Data shown section start

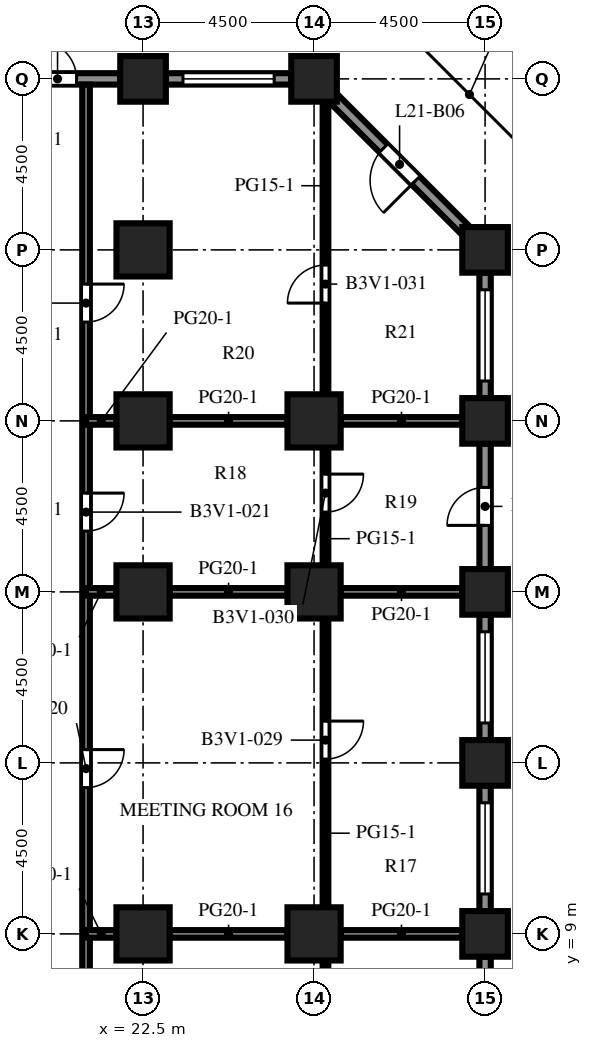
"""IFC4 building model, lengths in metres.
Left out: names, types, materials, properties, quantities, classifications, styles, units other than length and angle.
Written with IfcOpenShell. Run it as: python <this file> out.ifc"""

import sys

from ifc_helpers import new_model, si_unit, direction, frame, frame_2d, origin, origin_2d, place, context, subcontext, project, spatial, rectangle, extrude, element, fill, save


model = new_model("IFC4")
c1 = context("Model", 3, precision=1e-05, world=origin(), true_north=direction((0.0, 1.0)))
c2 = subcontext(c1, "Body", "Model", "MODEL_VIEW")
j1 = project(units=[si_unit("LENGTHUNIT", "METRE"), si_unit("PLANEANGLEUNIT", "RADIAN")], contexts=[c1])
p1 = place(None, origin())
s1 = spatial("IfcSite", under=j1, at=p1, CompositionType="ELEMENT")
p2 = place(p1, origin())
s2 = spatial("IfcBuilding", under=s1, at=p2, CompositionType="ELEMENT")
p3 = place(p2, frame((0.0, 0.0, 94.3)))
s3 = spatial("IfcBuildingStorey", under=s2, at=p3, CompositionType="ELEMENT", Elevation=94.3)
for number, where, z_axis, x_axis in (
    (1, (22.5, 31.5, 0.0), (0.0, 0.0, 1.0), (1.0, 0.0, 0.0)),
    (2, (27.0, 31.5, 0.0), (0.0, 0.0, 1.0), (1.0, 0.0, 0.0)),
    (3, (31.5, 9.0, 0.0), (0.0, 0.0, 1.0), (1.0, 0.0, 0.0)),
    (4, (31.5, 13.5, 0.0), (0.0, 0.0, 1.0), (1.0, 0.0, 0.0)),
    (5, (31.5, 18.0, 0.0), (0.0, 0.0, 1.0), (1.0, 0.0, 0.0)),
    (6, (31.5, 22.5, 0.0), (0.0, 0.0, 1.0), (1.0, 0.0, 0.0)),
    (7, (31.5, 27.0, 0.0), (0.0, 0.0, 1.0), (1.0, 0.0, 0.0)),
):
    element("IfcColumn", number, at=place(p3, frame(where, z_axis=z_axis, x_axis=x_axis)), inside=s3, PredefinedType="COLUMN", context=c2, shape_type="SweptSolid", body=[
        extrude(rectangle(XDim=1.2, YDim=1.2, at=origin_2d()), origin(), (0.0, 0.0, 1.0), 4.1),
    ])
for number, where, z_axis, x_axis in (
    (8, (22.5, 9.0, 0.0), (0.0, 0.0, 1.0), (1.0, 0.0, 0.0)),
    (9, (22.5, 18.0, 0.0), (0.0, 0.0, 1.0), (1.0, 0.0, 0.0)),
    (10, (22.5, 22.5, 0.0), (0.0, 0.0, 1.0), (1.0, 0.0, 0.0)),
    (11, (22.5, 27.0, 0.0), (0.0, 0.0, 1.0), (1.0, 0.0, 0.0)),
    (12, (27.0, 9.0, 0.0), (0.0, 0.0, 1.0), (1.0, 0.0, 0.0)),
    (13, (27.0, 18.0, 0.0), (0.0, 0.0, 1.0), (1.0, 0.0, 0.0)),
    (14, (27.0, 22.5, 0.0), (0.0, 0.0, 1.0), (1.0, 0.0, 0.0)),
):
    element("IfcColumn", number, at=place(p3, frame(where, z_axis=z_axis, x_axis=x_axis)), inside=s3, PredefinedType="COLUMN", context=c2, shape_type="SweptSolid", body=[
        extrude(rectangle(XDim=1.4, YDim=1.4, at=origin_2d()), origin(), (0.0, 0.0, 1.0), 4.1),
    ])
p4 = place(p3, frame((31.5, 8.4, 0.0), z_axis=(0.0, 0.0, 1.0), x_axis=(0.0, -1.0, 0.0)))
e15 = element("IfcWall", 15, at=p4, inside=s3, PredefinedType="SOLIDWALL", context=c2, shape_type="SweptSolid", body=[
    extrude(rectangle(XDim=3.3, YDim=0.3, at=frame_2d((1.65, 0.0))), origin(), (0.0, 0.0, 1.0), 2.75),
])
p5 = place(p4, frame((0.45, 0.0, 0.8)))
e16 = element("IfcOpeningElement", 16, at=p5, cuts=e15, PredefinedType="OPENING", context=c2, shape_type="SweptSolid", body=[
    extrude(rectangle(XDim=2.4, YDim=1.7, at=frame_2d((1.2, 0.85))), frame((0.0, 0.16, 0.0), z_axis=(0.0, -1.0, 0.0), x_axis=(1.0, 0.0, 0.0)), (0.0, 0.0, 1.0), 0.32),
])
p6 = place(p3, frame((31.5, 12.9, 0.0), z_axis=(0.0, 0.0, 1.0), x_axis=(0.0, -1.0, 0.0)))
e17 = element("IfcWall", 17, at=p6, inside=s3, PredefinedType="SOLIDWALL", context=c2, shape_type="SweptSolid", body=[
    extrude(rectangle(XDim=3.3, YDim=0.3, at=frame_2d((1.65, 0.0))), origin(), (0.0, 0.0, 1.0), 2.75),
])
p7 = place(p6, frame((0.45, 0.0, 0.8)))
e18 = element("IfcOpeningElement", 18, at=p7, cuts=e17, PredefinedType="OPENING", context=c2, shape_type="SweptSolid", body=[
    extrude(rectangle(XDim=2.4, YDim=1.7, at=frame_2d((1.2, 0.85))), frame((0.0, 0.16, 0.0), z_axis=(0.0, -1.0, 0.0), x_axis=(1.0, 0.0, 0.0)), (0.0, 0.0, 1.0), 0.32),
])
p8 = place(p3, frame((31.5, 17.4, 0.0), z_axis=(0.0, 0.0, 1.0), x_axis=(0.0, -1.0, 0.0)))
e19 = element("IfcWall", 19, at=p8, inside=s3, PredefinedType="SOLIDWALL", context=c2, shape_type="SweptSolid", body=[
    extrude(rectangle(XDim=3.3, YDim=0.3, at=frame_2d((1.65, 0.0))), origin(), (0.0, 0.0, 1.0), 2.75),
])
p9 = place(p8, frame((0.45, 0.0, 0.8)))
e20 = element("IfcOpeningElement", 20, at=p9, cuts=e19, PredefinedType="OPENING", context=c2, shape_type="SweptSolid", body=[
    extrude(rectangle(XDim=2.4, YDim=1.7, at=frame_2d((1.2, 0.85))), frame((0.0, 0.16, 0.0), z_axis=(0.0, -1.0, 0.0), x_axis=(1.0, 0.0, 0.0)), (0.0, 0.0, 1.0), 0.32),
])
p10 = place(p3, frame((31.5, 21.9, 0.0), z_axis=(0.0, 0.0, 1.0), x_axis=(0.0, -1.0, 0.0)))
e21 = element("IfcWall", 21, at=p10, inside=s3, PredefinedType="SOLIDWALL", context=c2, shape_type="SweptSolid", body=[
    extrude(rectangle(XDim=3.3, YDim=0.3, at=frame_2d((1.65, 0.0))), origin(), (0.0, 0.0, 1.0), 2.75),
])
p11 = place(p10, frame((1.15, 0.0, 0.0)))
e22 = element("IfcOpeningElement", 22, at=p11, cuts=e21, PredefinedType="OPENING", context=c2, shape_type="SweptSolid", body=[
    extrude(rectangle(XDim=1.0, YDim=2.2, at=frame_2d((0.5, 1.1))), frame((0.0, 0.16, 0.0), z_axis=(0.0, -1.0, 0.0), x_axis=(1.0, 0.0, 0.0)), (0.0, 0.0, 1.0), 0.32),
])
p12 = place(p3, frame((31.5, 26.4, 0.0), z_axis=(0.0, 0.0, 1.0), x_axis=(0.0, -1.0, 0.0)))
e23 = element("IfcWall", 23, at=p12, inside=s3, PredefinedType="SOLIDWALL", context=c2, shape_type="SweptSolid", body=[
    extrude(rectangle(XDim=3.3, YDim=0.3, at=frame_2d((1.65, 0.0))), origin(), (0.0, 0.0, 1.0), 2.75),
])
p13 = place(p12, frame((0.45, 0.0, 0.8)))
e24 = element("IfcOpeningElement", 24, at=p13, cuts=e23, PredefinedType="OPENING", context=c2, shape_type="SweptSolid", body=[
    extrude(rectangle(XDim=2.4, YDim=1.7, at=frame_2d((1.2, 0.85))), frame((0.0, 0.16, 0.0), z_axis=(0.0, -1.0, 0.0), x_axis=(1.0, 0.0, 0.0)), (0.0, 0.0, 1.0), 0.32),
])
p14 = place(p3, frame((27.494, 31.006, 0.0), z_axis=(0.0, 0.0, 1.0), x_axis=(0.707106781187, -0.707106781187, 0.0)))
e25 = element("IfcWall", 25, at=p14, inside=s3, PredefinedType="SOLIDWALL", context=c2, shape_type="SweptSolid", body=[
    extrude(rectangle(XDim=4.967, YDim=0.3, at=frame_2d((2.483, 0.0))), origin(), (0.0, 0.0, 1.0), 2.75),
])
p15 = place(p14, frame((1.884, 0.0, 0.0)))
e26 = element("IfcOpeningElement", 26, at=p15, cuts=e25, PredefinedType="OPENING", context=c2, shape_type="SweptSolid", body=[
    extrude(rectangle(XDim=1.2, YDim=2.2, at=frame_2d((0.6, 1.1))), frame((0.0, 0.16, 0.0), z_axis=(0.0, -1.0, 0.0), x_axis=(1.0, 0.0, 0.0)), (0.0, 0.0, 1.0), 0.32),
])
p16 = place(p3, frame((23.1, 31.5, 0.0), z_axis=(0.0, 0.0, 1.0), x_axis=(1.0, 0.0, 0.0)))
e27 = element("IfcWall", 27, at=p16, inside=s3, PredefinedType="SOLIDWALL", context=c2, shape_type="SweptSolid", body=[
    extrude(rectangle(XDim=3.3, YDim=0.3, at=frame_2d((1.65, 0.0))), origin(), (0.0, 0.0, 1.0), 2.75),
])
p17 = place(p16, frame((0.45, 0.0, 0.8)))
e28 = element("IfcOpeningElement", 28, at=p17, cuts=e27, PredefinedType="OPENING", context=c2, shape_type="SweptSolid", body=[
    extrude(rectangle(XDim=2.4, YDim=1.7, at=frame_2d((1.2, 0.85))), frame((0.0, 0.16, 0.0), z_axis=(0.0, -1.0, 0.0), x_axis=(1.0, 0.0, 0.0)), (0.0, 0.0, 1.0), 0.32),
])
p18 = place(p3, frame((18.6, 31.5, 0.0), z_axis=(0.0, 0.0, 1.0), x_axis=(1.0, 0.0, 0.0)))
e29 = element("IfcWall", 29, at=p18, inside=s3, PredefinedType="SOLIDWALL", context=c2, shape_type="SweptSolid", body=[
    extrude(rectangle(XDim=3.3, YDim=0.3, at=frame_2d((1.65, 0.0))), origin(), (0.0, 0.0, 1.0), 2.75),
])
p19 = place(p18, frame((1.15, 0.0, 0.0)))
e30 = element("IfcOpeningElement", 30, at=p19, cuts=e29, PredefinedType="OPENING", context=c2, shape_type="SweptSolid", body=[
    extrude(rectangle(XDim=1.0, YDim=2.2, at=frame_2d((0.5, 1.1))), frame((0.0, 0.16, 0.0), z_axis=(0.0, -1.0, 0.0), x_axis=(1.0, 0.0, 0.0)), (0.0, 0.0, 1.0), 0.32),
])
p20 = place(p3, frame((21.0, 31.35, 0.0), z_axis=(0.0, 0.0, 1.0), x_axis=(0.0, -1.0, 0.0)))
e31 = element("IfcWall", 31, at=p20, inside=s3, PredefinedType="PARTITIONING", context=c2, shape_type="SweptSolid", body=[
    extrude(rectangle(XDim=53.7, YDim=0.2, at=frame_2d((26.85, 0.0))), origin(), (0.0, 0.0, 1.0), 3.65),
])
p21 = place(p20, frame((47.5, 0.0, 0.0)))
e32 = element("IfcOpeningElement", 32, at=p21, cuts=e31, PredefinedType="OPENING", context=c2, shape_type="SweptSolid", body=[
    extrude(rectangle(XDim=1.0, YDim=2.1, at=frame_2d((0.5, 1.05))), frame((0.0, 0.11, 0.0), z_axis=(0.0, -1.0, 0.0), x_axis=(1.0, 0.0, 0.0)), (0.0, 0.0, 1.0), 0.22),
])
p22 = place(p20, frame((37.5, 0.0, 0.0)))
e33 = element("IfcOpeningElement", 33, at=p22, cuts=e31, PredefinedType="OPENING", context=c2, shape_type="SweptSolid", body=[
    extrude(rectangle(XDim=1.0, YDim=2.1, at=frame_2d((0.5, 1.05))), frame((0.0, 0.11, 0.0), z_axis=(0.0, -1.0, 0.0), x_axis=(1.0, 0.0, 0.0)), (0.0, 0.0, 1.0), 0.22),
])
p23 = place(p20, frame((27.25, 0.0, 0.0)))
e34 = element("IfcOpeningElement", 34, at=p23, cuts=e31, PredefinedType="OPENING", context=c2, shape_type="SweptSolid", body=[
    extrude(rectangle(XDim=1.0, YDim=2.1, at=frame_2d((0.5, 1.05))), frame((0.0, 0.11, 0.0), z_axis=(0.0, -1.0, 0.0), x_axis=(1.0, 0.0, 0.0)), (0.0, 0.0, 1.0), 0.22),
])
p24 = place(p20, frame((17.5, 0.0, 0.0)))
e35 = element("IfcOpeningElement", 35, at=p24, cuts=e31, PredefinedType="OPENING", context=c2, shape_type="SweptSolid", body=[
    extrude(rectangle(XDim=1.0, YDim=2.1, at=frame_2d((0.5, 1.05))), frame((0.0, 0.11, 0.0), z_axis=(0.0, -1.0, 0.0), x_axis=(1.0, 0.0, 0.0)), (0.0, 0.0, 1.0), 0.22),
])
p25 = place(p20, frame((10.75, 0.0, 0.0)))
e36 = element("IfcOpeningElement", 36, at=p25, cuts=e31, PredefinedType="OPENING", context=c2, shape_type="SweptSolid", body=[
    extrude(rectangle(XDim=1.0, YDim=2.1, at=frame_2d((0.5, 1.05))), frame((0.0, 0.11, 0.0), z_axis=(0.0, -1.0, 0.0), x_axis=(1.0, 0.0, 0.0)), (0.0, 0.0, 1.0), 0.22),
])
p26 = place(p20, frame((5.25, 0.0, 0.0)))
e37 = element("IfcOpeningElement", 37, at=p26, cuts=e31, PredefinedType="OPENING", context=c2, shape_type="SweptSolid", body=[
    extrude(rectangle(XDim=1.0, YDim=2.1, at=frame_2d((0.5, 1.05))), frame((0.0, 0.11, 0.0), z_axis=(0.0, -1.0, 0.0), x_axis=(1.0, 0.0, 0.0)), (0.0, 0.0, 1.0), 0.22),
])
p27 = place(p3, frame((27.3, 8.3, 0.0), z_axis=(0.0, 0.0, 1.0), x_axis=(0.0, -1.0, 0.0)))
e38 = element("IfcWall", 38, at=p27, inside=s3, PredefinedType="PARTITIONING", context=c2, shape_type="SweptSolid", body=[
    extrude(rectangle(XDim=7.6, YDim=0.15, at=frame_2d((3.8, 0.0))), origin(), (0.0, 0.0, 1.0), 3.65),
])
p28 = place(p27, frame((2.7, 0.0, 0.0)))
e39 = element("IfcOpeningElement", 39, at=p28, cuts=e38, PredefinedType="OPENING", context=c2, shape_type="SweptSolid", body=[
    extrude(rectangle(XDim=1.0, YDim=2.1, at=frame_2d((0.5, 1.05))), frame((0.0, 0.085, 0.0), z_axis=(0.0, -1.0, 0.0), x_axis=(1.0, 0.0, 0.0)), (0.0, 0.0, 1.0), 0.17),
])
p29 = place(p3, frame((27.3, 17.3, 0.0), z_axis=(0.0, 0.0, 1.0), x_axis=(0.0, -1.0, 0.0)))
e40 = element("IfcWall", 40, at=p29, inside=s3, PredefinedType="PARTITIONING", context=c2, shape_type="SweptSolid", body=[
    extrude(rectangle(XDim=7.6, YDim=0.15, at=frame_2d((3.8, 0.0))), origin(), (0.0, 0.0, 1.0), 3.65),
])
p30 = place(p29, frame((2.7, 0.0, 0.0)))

Data shown section end

### What to produce:
Say how many lines in the data hold the string "PARTITIONING". No other content should accompany the number.

### Task solution:
3